__What to produce__. Find each line of the material below in which the word "DOOR" occurs, and return it.

__Input data__.
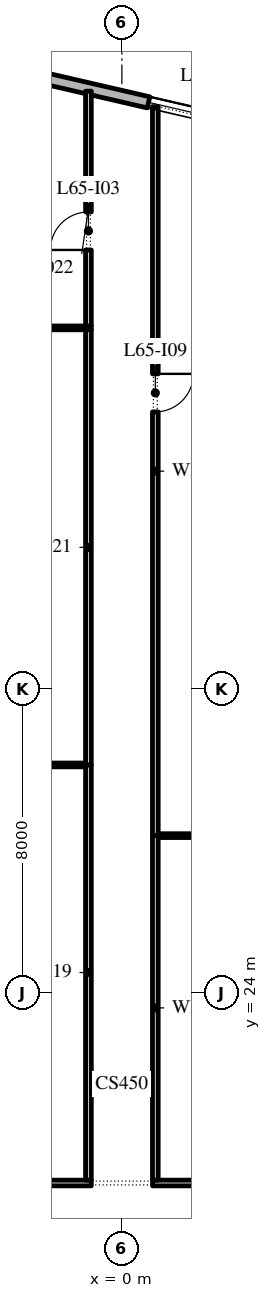
"""IFC4 building model, lengths in metres.
Left out: names, types, materials, properties, quantities, classifications, styles, units other than length and angle.
Written with IfcOpenShell. Run it as: python <this file> out.ifc"""

import sys

from ifc_helpers import new_model, si_unit, direction, frame, frame_2d, origin, place, context, subcontext, project, spatial, rectangle, extrude, element, fill, save


model = new_model("IFC4")
c1 = context("Model", 3, precision=1e-05, world=origin(), true_north=direction((0.0, 1.0)))
c2 = subcontext(c1, "Body", "Model", "MODEL_VIEW")
j1 = project(units=[si_unit("LENGTHUNIT", "METRE"), si_unit("PLANEANGLEUNIT", "RADIAN")], contexts=[c1])
p1 = place(None, origin())
s1 = spatial("IfcSite", under=j1, at=p1, CompositionType="ELEMENT")
p2 = place(p1, origin())
s2 = spatial("IfcBuilding", under=s1, at=p2, CompositionType="ELEMENT")
p3 = place(p2, frame((0.0, 0.0, 297.6)))
s3 = spatial("IfcBuildingStorey", under=s2, at=p3, CompositionType="ELEMENT", Elevation=297.6)
p4 = place(p3, frame((29.616, 40.758, 0.0), z_axis=(0.0, 0.0, 1.0), x_axis=(-0.974370532314, 0.224949029246, 0.0)))
e1 = element("IfcWall", 1, at=p4, inside=s3, PredefinedType="STANDARD", context=c2, shape_type="SweptSolid", body=[
    extrude(rectangle(XDim=48.0, YDim=0.3, at=frame_2d((24.0, 0.0))), origin(), (0.0, 0.0, 1.0), 4.95),
])
p5 = place(p4, frame((2.075, 0.0, 0.6)))
e2 = element("IfcOpeningElement", 2, at=p5, cuts=e1, PredefinedType="OPENING", context=c2, shape_type="SweptSolid", body=[
    extrude(rectangle(XDim=3.6, YDim=3.9, at=frame_2d((1.8, 1.95))), frame((0.0, 0.16, 0.0), z_axis=(0.0, -1.0, 0.0), x_axis=(1.0, 0.0, 0.0)), (0.0, 0.0, 1.0), 0.32),
])
p6 = place(p4, frame((9.975, 0.0, 0.6)))
e3 = element("IfcOpeningElement", 3, at=p6, cuts=e1, PredefinedType="OPENING", context=c2, shape_type="SweptSolid", body=[
    extrude(rectangle(XDim=3.6, YDim=3.55, at=frame_2d((1.8, 1.775))), frame((0.0, 0.16, 0.0), z_axis=(0.0, -1.0, 0.0), x_axis=(1.0, 0.0, 0.0)), (0.0, 0.0, 1.0), 0.32),
])
p7 = place(p4, frame((18.025, 0.0, 0.6)))
e4 = element("IfcOpeningElement", 4, at=p7, cuts=e1, PredefinedType="OPENING", context=c2, shape_type="SweptSolid", body=[
    extrude(rectangle(XDim=3.6, YDim=3.55, at=frame_2d((1.8, 1.775))), frame((0.0, 0.16, 0.0), z_axis=(0.0, -1.0, 0.0), x_axis=(1.0, 0.0, 0.0)), (0.0, 0.0, 1.0), 0.32),
])
p8 = place(p4, frame((26.075, 0.0, 0.6)))
e5 = element("IfcOpeningElement", 5, at=p8, cuts=e1, PredefinedType="OPENING", context=c2, shape_type="SweptSolid", body=[
    extrude(rectangle(XDim=3.6, YDim=3.9, at=frame_2d((1.8, 1.95))), frame((0.0, 0.16, 0.0), z_axis=(0.0, -1.0, 0.0), x_axis=(1.0, 0.0, 0.0)), (0.0, 0.0, 1.0), 0.32),
])
p9 = place(p4, frame((34.125, 0.0, 0.6)))
e6 = element("IfcOpeningElement", 6, at=p9, cuts=e1, PredefinedType="OPENING", context=c2, shape_type="SweptSolid", body=[
    extrude(rectangle(XDim=3.6, YDim=3.55, at=frame_2d((1.8, 1.775))), frame((0.0, 0.16, 0.0), z_axis=(0.0, -1.0, 0.0), x_axis=(1.0, 0.0, 0.0)), (0.0, 0.0, 1.0), 0.32),
])
p10 = place(p4, frame((42.175, 0.0, 0.6)))
e7 = element("IfcOpeningElement", 7, at=p10, cuts=e1, PredefinedType="OPENING", context=c2, shape_type="SweptSolid", body=[
    extrude(rectangle(XDim=3.6, YDim=3.9, at=frame_2d((1.8, 1.95))), frame((0.0, 0.16, 0.0), z_axis=(0.0, -1.0, 0.0), x_axis=(1.0, 0.0, 0.0)), (0.0, 0.0, 1.0), 0.32),
])
p11 = place(p3, frame((33.159, 47.524, -0.05), z_axis=(0.0, 0.0, 1.0), x_axis=(-0.974370681559, 0.224948382787, 0.0)))
e8 = element("IfcWall", 8, at=p11, inside=s3, PredefinedType="STANDARD", context=c2, shape_type="SweptSolid", body=[
    extrude(rectangle(XDim=51.76, YDim=0.2, at=frame_2d((25.88, 0.0))), origin(), (0.0, 0.0, 1.0), 1.1),
])
p12 = place(p3, frame((-8.475, 19.0, 0.0), z_axis=(0.0, 0.0, 1.0), x_axis=(1.0, 0.0, 0.0)))
e9 = element("IfcWall", 9, at=p12, inside=s3, PredefinedType="PARTITIONING", context=c2, shape_type="SweptSolid", body=[
    extrude(rectangle(XDim=7.67, YDim=0.15, at=frame_2d((3.835, 0.0))), origin(), (0.0, 0.0, 1.0), 4.95),
])
p13 = place(p3, frame((-8.325, 41.5, 0.0), z_axis=(0.0, 0.0, 1.0), x_axis=(1.0, 0.0, 0.0)))
e10 = element("IfcWall", 10, at=p13, inside=s3, PredefinedType="PARTITIONING", context=c2, shape_type="SweptSolid", body=[
    extrude(rectangle(XDim=7.52, YDim=0.1, at=frame_2d((3.76, 0.0))), origin(), (0.0, 0.0, 1.0), 4.95),
])
p14 = place(p3, frame((-0.88, 19.075, 0.0), z_axis=(0.0, 0.0, 1.0), x_axis=(0.0, 1.0, 0.0)))
e11 = element("IfcWall", 11, at=p14, inside=s3, PredefinedType="PARTITIONING", context=c2, shape_type="SweptSolid", body=[
    extrude(rectangle(XDim=10.925, YDim=0.15, at=frame_2d((5.462, 0.0))), origin(), (0.0, 0.0, 1.0), 4.95),
])
p15 = place(p3, frame((-0.955, 30.0, 0.0), z_axis=(0.0, 0.0, 1.0), x_axis=(-1.0, 0.0, 0.0)))
e12 = element("IfcWall", 12, at=p15, inside=s3, PredefinedType="PARTITIONING", context=c2, shape_type="SweptSolid", body=[
    extrude(rectangle(XDim=7.37, YDim=0.1, at=frame_2d((3.685, 0.0))), origin(), (0.0, 0.0, 1.0), 4.95),
])
p16 = place(p3, frame((-0.88, 30.0, 0.0), z_axis=(0.0, 0.0, 1.0), x_axis=(0.0, 1.0, 0.0)))
e13 = element("IfcWall", 13, at=p16, inside=s3, PredefinedType="PARTITIONING", context=c2, shape_type="SweptSolid", body=[
    extrude(rectangle(XDim=11.45, YDim=0.15, at=frame_2d((5.725, 0.0))), origin(), (0.0, 0.0, 1.0), 4.95),
])
p17 = place(p3, frame((-0.88, 41.55, 0.0), z_axis=(0.0, 0.0, 1.0), x_axis=(0.0, 1.0, 0.0)))
e14 = element("IfcWall", 14, at=p17, inside=s3, PredefinedType="PARTITIONING", context=c2, shape_type="SweptSolid", body=[
    extrude(rectangle(XDim=6.178, YDim=0.15, at=frame_2d((3.089, 0.0))), origin(), (0.0, 0.0, 1.0), 4.95),
])
p18 = place(p17, frame((2.0, 0.0, 0.0)))
e15 = element("IfcOpeningElement", 15, at=p18, cuts=e14, PredefinedType="OPENING", context=c2, shape_type="SweptSolid", body=[
    extrude(rectangle(XDim=1.0, YDim=2.1, at=frame_2d((0.5, 1.05))), frame((0.0, 0.085, 0.0), z_axis=(0.0, -1.0, 0.0), x_axis=(1.0, 0.0, 0.0)), (0.0, 0.0, 1.0), 0.17),
])
p19 = place(p3, frame((0.805, 19.0, 0.0), z_axis=(0.0, 0.0, 1.0), x_axis=(1.0, 0.0, 0.0)))
e16 = element("IfcWall", 16, at=p19, inside=s3, PredefinedType="PARTITIONING", context=c2, shape_type="SweptSolid", body=[
    extrude(rectangle(XDim=7.67, YDim=0.15, at=frame_2d((3.835, 0.0))), origin(), (0.0, 0.0, 1.0), 4.95),
])
p20 = place(p3, frame((0.88, 28.14, 0.0), z_axis=(0.0, 0.0, 1.0), x_axis=(0.0, -1.0, 0.0)))
e17 = element("IfcWall", 17, at=p20, inside=s3, PredefinedType="PARTITIONING", context=c2, shape_type="SweptSolid", body=[
    extrude(rectangle(XDim=9.065, YDim=0.15, at=frame_2d((4.532, 0.0))), origin(), (0.0, 0.0, 1.0), 4.95),
])
p21 = place(p3, frame((0.955, 28.14, 0.0), z_axis=(0.0, 0.0, 1.0), x_axis=(1.0, 0.0, 0.0)))
e18 = element("IfcWall", 18, at=p21, inside=s3, PredefinedType="PARTITIONING", context=c2, shape_type="SweptSolid", body=[
    extrude(rectangle(XDim=7.52, YDim=0.1, at=frame_2d((3.76, 0.0))), origin(), (0.0, 0.0, 1.0), 4.95),
])
p22 = place(p3, frame((0.88, 47.321, 0.0), z_axis=(0.0, 0.0, 1.0), x_axis=(0.0, -1.0, 0.0)))
e19 = element("IfcWall", 19, at=p22, inside=s3, PredefinedType="PARTITIONING", context=c2, shape_type="SweptSolid", body=[
    extrude(rectangle(XDim=19.181, YDim=0.15, at=frame_2d((9.591, 0.0))), origin(), (0.0, 0.0, 1.0), 4.95),
])
p23 = place(p22, frame((7.031, 0.0, 0.0)))
e20 = element("IfcOpeningElement", 20, at=p23, cuts=e19, PredefinedType="OPENING", context=c2, shape_type="SweptSolid", body=[
    extrude(rectangle(XDim=1.0, YDim=2.1, at=frame_2d((0.5, 1.05))), frame((0.0, 0.085, 0.0), z_axis=(0.0, -1.0, 0.0), x_axis=(1.0, 0.0, 0.0)), (0.0, 0.0, 1.0), 0.17),
])
p24 = place(p8, origin())
e21 = element("IfcWindow", 21, at=p24, inside=s3, PartitioningType="DOUBLE_PANEL_HORIZONTAL", PredefinedType="WINDOW", context=c2, shape_type="SweptSolid", body=[
    extrude(rectangle(XDim=3.6, YDim=3.9, at=frame_2d((1.8, 1.95))), frame((0.0, 0.03, 0.0), z_axis=(0.0, -1.0, 0.0), x_axis=(1.0, 0.0, 0.0)), (0.0, 0.0, 1.0), 0.06),
])
fill(e5, e21)
p25 = place(p18, origin())
e22 = element("IfcDoor", 22, at=p25, inside=s3, OperationType="SINGLE_SWING_RIGHT", PredefinedType="DOOR", context=c2, shape_type="SweptSolid", body=[
    extrude(rectangle(XDim=1.0, YDim=2.1, at=frame_2d((0.5, 1.05))), frame((0.0, 0.025, 0.0), z_axis=(0.0, -1.0, 0.0), x_axis=(1.0, 0.0, 0.0)), (0.0, 0.0, 1.0), 0.05),
])
fill(e15, e22)
p26 = place(p23, origin())
e23 = element("IfcDoor", 23, at=p26, inside=s3, OperationType="SINGLE_SWING_RIGHT", PredefinedType="DOOR", context=c2, shape_type="SweptSolid", body=[
    extrude(rectangle(XDim=1.0, YDim=2.1, at=frame_2d((0.5, 1.05))), frame((0.0, 0.025, 0.0), z_axis=(0.0, -1.0, 0.0), x_axis=(1.0, 0.0, 0.0)), (0.0, 0.0, 1.0), 0.05),
])
fill(e20, e23)
save(model, sys.argv[1])

__Result for this task__.
e22 = element("IfcDoor", 22, at=p25, inside=s3, OperationType="SINGLE_SWING_RIGHT", PredefinedType="DOOR", context=c2, shape_type="SweptSolid", body=[
e23 = element("IfcDoor", 23, at=p26, inside=s3, OperationType="SINGLE_SWING_RIGHT", PredefinedType="DOOR", context=c2, shape_type="SweptSolid", body=[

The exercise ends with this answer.